Run through the records and, wherever a line holds the word "under", return that line.
─── Records provided
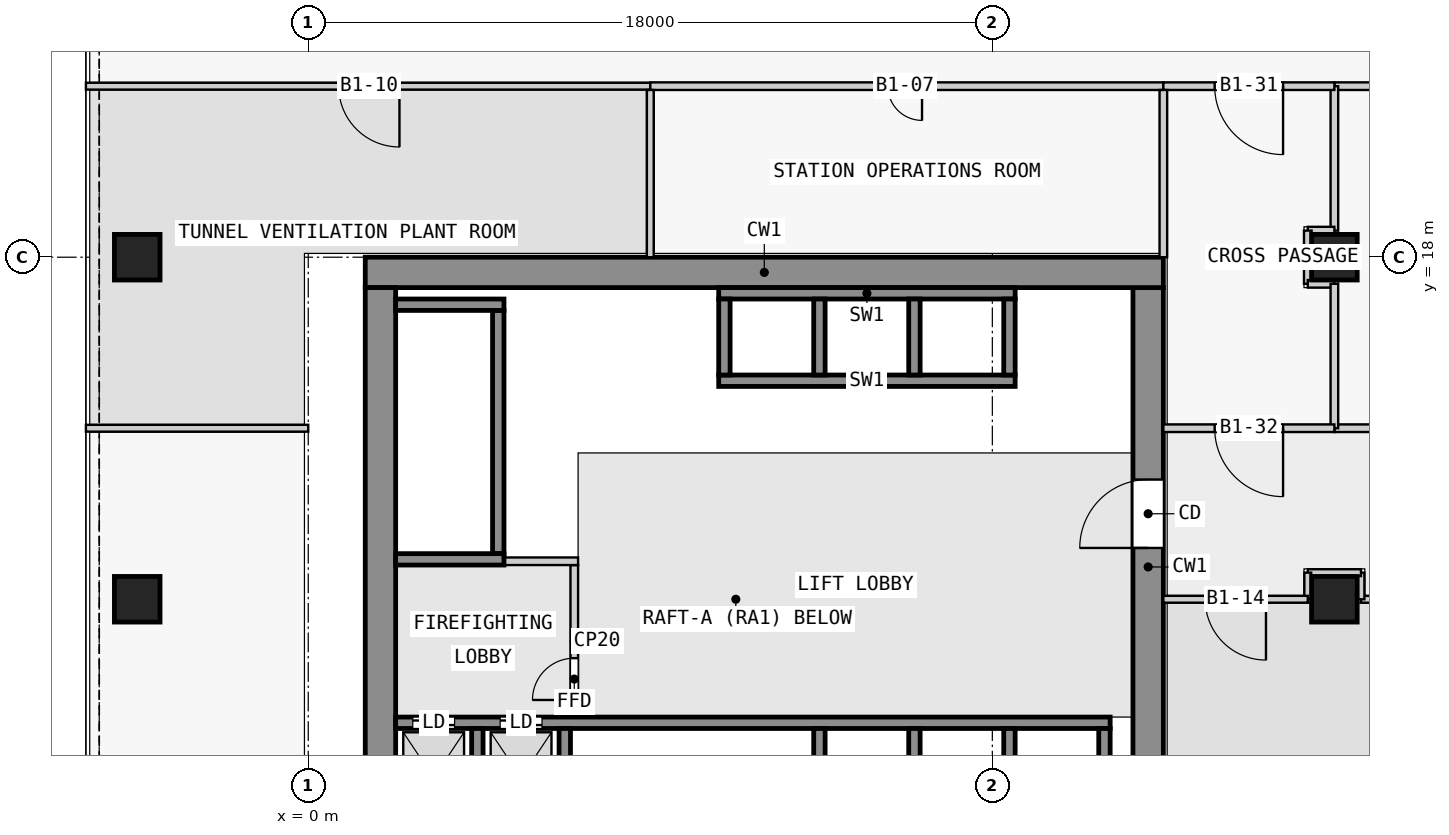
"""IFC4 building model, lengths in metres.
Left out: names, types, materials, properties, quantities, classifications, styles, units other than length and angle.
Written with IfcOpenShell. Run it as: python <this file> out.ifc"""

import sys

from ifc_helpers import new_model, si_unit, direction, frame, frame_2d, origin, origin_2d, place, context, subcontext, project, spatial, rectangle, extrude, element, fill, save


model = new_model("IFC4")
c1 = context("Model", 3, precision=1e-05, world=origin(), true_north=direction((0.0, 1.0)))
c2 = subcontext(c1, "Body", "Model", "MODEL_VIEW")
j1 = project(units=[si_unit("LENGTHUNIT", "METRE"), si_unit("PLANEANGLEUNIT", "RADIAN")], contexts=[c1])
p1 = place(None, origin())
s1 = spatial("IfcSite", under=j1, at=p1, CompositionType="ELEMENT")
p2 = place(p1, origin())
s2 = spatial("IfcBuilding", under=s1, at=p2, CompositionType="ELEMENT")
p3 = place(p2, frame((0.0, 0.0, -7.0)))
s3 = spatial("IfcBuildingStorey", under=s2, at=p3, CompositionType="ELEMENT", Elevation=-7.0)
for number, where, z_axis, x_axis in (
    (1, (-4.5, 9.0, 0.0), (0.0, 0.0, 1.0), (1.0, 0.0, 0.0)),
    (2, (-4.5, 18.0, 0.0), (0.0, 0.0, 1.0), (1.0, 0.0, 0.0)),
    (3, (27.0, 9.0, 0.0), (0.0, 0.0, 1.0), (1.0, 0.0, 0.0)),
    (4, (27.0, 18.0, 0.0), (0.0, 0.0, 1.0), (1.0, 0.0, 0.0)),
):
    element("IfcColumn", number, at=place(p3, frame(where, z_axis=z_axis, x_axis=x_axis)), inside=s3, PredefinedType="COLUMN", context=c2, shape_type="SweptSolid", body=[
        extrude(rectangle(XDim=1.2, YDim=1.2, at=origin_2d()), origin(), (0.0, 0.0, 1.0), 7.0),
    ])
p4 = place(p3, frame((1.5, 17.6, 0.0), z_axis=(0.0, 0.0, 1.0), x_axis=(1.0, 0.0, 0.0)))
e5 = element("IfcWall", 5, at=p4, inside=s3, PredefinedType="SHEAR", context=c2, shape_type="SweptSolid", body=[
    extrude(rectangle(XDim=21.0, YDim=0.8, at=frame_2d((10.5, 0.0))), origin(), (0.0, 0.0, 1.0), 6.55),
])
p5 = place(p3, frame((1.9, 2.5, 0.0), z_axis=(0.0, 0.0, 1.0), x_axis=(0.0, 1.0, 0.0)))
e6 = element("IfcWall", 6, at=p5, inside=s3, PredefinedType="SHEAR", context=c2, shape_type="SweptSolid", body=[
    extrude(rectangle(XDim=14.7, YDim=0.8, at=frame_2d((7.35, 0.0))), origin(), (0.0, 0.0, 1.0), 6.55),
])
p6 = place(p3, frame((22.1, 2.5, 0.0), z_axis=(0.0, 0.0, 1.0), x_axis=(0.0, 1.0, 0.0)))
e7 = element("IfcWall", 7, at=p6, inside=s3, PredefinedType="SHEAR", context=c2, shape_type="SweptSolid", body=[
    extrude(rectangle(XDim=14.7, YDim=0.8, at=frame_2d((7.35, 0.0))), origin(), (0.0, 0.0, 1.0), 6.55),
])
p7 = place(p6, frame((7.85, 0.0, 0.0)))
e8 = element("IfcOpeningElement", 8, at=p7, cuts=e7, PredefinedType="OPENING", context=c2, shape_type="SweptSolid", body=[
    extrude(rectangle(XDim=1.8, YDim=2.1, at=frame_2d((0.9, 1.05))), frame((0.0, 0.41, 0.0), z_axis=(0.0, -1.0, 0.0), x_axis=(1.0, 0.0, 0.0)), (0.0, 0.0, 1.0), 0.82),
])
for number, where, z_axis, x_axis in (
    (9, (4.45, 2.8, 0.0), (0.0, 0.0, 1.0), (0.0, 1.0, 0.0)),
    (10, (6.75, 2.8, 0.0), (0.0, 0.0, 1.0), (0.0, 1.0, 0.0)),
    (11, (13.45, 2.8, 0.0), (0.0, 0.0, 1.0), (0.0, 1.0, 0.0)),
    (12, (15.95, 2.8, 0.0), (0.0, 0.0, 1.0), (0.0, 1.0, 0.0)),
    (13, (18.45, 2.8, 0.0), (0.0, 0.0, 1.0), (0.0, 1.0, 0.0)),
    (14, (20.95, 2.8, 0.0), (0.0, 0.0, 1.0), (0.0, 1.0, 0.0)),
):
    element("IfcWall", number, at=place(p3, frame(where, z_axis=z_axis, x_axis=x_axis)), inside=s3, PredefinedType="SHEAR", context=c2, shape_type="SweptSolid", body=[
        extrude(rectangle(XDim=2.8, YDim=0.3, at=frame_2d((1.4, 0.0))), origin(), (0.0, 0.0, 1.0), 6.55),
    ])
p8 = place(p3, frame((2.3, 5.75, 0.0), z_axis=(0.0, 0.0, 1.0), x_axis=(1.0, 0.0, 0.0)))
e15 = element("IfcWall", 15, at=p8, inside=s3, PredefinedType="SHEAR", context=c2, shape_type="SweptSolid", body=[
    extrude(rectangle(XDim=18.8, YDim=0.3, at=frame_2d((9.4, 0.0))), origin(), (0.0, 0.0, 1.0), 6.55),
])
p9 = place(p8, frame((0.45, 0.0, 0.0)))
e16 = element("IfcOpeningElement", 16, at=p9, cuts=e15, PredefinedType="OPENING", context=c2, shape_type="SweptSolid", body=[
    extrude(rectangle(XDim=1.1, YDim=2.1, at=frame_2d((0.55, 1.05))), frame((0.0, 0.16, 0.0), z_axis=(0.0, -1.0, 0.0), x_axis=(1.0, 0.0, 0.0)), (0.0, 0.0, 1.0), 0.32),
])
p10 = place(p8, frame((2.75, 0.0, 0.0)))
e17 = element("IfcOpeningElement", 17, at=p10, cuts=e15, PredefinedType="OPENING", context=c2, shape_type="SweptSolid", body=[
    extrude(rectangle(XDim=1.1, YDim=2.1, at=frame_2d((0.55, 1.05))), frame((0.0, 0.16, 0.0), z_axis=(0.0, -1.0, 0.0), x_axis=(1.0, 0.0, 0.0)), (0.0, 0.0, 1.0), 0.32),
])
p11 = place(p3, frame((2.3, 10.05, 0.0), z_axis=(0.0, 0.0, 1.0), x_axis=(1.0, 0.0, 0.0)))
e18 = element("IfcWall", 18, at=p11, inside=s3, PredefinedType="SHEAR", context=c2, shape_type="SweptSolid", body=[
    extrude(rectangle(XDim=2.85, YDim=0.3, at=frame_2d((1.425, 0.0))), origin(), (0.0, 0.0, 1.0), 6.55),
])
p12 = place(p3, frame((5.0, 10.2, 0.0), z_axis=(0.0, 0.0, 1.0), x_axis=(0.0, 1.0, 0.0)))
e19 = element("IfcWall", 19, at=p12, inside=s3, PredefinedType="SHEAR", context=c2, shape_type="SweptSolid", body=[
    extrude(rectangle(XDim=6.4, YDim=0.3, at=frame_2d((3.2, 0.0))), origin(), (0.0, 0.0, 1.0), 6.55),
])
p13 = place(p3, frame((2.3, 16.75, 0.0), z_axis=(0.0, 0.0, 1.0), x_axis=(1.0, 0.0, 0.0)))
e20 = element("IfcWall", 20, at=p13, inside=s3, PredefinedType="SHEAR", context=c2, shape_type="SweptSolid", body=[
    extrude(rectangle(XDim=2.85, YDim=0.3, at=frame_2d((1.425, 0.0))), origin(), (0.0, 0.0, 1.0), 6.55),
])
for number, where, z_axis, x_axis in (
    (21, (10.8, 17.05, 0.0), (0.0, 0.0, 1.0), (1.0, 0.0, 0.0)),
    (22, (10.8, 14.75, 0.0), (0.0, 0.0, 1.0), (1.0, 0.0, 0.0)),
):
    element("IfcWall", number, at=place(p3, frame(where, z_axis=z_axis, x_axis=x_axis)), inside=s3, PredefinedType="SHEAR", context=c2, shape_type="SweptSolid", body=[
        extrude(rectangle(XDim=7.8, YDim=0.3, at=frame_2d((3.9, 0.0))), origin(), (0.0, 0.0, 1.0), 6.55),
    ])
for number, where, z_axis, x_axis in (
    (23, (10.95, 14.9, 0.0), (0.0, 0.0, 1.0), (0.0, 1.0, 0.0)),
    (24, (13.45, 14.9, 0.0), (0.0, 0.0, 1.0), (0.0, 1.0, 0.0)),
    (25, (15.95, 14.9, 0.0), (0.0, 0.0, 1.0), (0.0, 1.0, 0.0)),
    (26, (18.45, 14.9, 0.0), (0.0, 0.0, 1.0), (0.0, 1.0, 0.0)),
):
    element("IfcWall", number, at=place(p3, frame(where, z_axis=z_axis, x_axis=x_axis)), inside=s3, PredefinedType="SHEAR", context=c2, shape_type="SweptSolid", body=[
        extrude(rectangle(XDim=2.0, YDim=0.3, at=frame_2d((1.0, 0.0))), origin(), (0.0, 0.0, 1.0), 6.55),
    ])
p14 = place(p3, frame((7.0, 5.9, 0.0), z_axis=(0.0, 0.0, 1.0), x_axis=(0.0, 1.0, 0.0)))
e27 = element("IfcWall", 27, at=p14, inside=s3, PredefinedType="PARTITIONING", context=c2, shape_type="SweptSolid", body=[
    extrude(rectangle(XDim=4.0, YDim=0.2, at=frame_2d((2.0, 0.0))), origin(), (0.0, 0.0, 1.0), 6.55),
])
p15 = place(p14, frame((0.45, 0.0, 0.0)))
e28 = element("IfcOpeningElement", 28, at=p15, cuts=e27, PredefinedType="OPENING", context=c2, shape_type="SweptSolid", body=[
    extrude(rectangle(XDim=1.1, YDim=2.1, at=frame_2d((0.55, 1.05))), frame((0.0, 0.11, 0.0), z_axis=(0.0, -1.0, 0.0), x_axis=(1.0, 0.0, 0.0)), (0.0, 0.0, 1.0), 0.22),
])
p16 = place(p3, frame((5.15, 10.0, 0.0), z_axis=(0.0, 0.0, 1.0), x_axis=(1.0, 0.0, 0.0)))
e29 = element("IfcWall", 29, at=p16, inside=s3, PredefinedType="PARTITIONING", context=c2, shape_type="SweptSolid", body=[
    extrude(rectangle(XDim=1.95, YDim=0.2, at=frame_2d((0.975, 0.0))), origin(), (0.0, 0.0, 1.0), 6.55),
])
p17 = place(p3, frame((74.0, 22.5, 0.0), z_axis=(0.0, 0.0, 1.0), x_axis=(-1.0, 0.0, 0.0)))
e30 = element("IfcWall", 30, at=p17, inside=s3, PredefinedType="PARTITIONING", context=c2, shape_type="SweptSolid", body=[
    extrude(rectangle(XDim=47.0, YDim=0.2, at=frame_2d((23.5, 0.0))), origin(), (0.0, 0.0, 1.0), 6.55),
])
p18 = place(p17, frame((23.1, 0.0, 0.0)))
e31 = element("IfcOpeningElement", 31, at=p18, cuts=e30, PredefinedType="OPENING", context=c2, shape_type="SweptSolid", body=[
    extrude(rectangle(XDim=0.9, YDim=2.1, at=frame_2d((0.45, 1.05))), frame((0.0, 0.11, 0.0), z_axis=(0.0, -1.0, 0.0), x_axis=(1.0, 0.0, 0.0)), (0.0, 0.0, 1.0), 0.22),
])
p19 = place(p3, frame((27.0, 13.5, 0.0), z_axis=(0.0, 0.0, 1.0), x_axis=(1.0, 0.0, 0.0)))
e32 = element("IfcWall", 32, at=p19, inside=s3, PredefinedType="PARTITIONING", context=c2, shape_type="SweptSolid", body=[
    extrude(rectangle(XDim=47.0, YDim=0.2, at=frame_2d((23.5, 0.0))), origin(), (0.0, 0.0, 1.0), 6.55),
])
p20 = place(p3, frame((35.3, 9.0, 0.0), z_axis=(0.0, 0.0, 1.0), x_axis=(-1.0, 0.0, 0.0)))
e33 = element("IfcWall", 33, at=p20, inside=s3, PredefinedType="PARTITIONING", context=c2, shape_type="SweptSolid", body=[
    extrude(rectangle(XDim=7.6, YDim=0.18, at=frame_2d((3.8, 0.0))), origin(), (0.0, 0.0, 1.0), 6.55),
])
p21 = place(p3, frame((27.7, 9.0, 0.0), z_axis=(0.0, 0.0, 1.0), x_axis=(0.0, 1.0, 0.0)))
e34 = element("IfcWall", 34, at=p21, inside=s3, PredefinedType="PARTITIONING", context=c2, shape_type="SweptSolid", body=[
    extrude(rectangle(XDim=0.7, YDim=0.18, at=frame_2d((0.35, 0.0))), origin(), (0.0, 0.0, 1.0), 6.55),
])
──────
(Task solution):
s1 = spatial("IfcSite", under=j1, at=p1, CompositionType="ELEMENT")
s2 = spatial("IfcBuilding", under=s1, at=p2, CompositionType="ELEMENT")
s3 = spatial("IfcBuildingStorey", under=s2, at=p3, CompositionType="ELEMENT", Elevation=-7.0)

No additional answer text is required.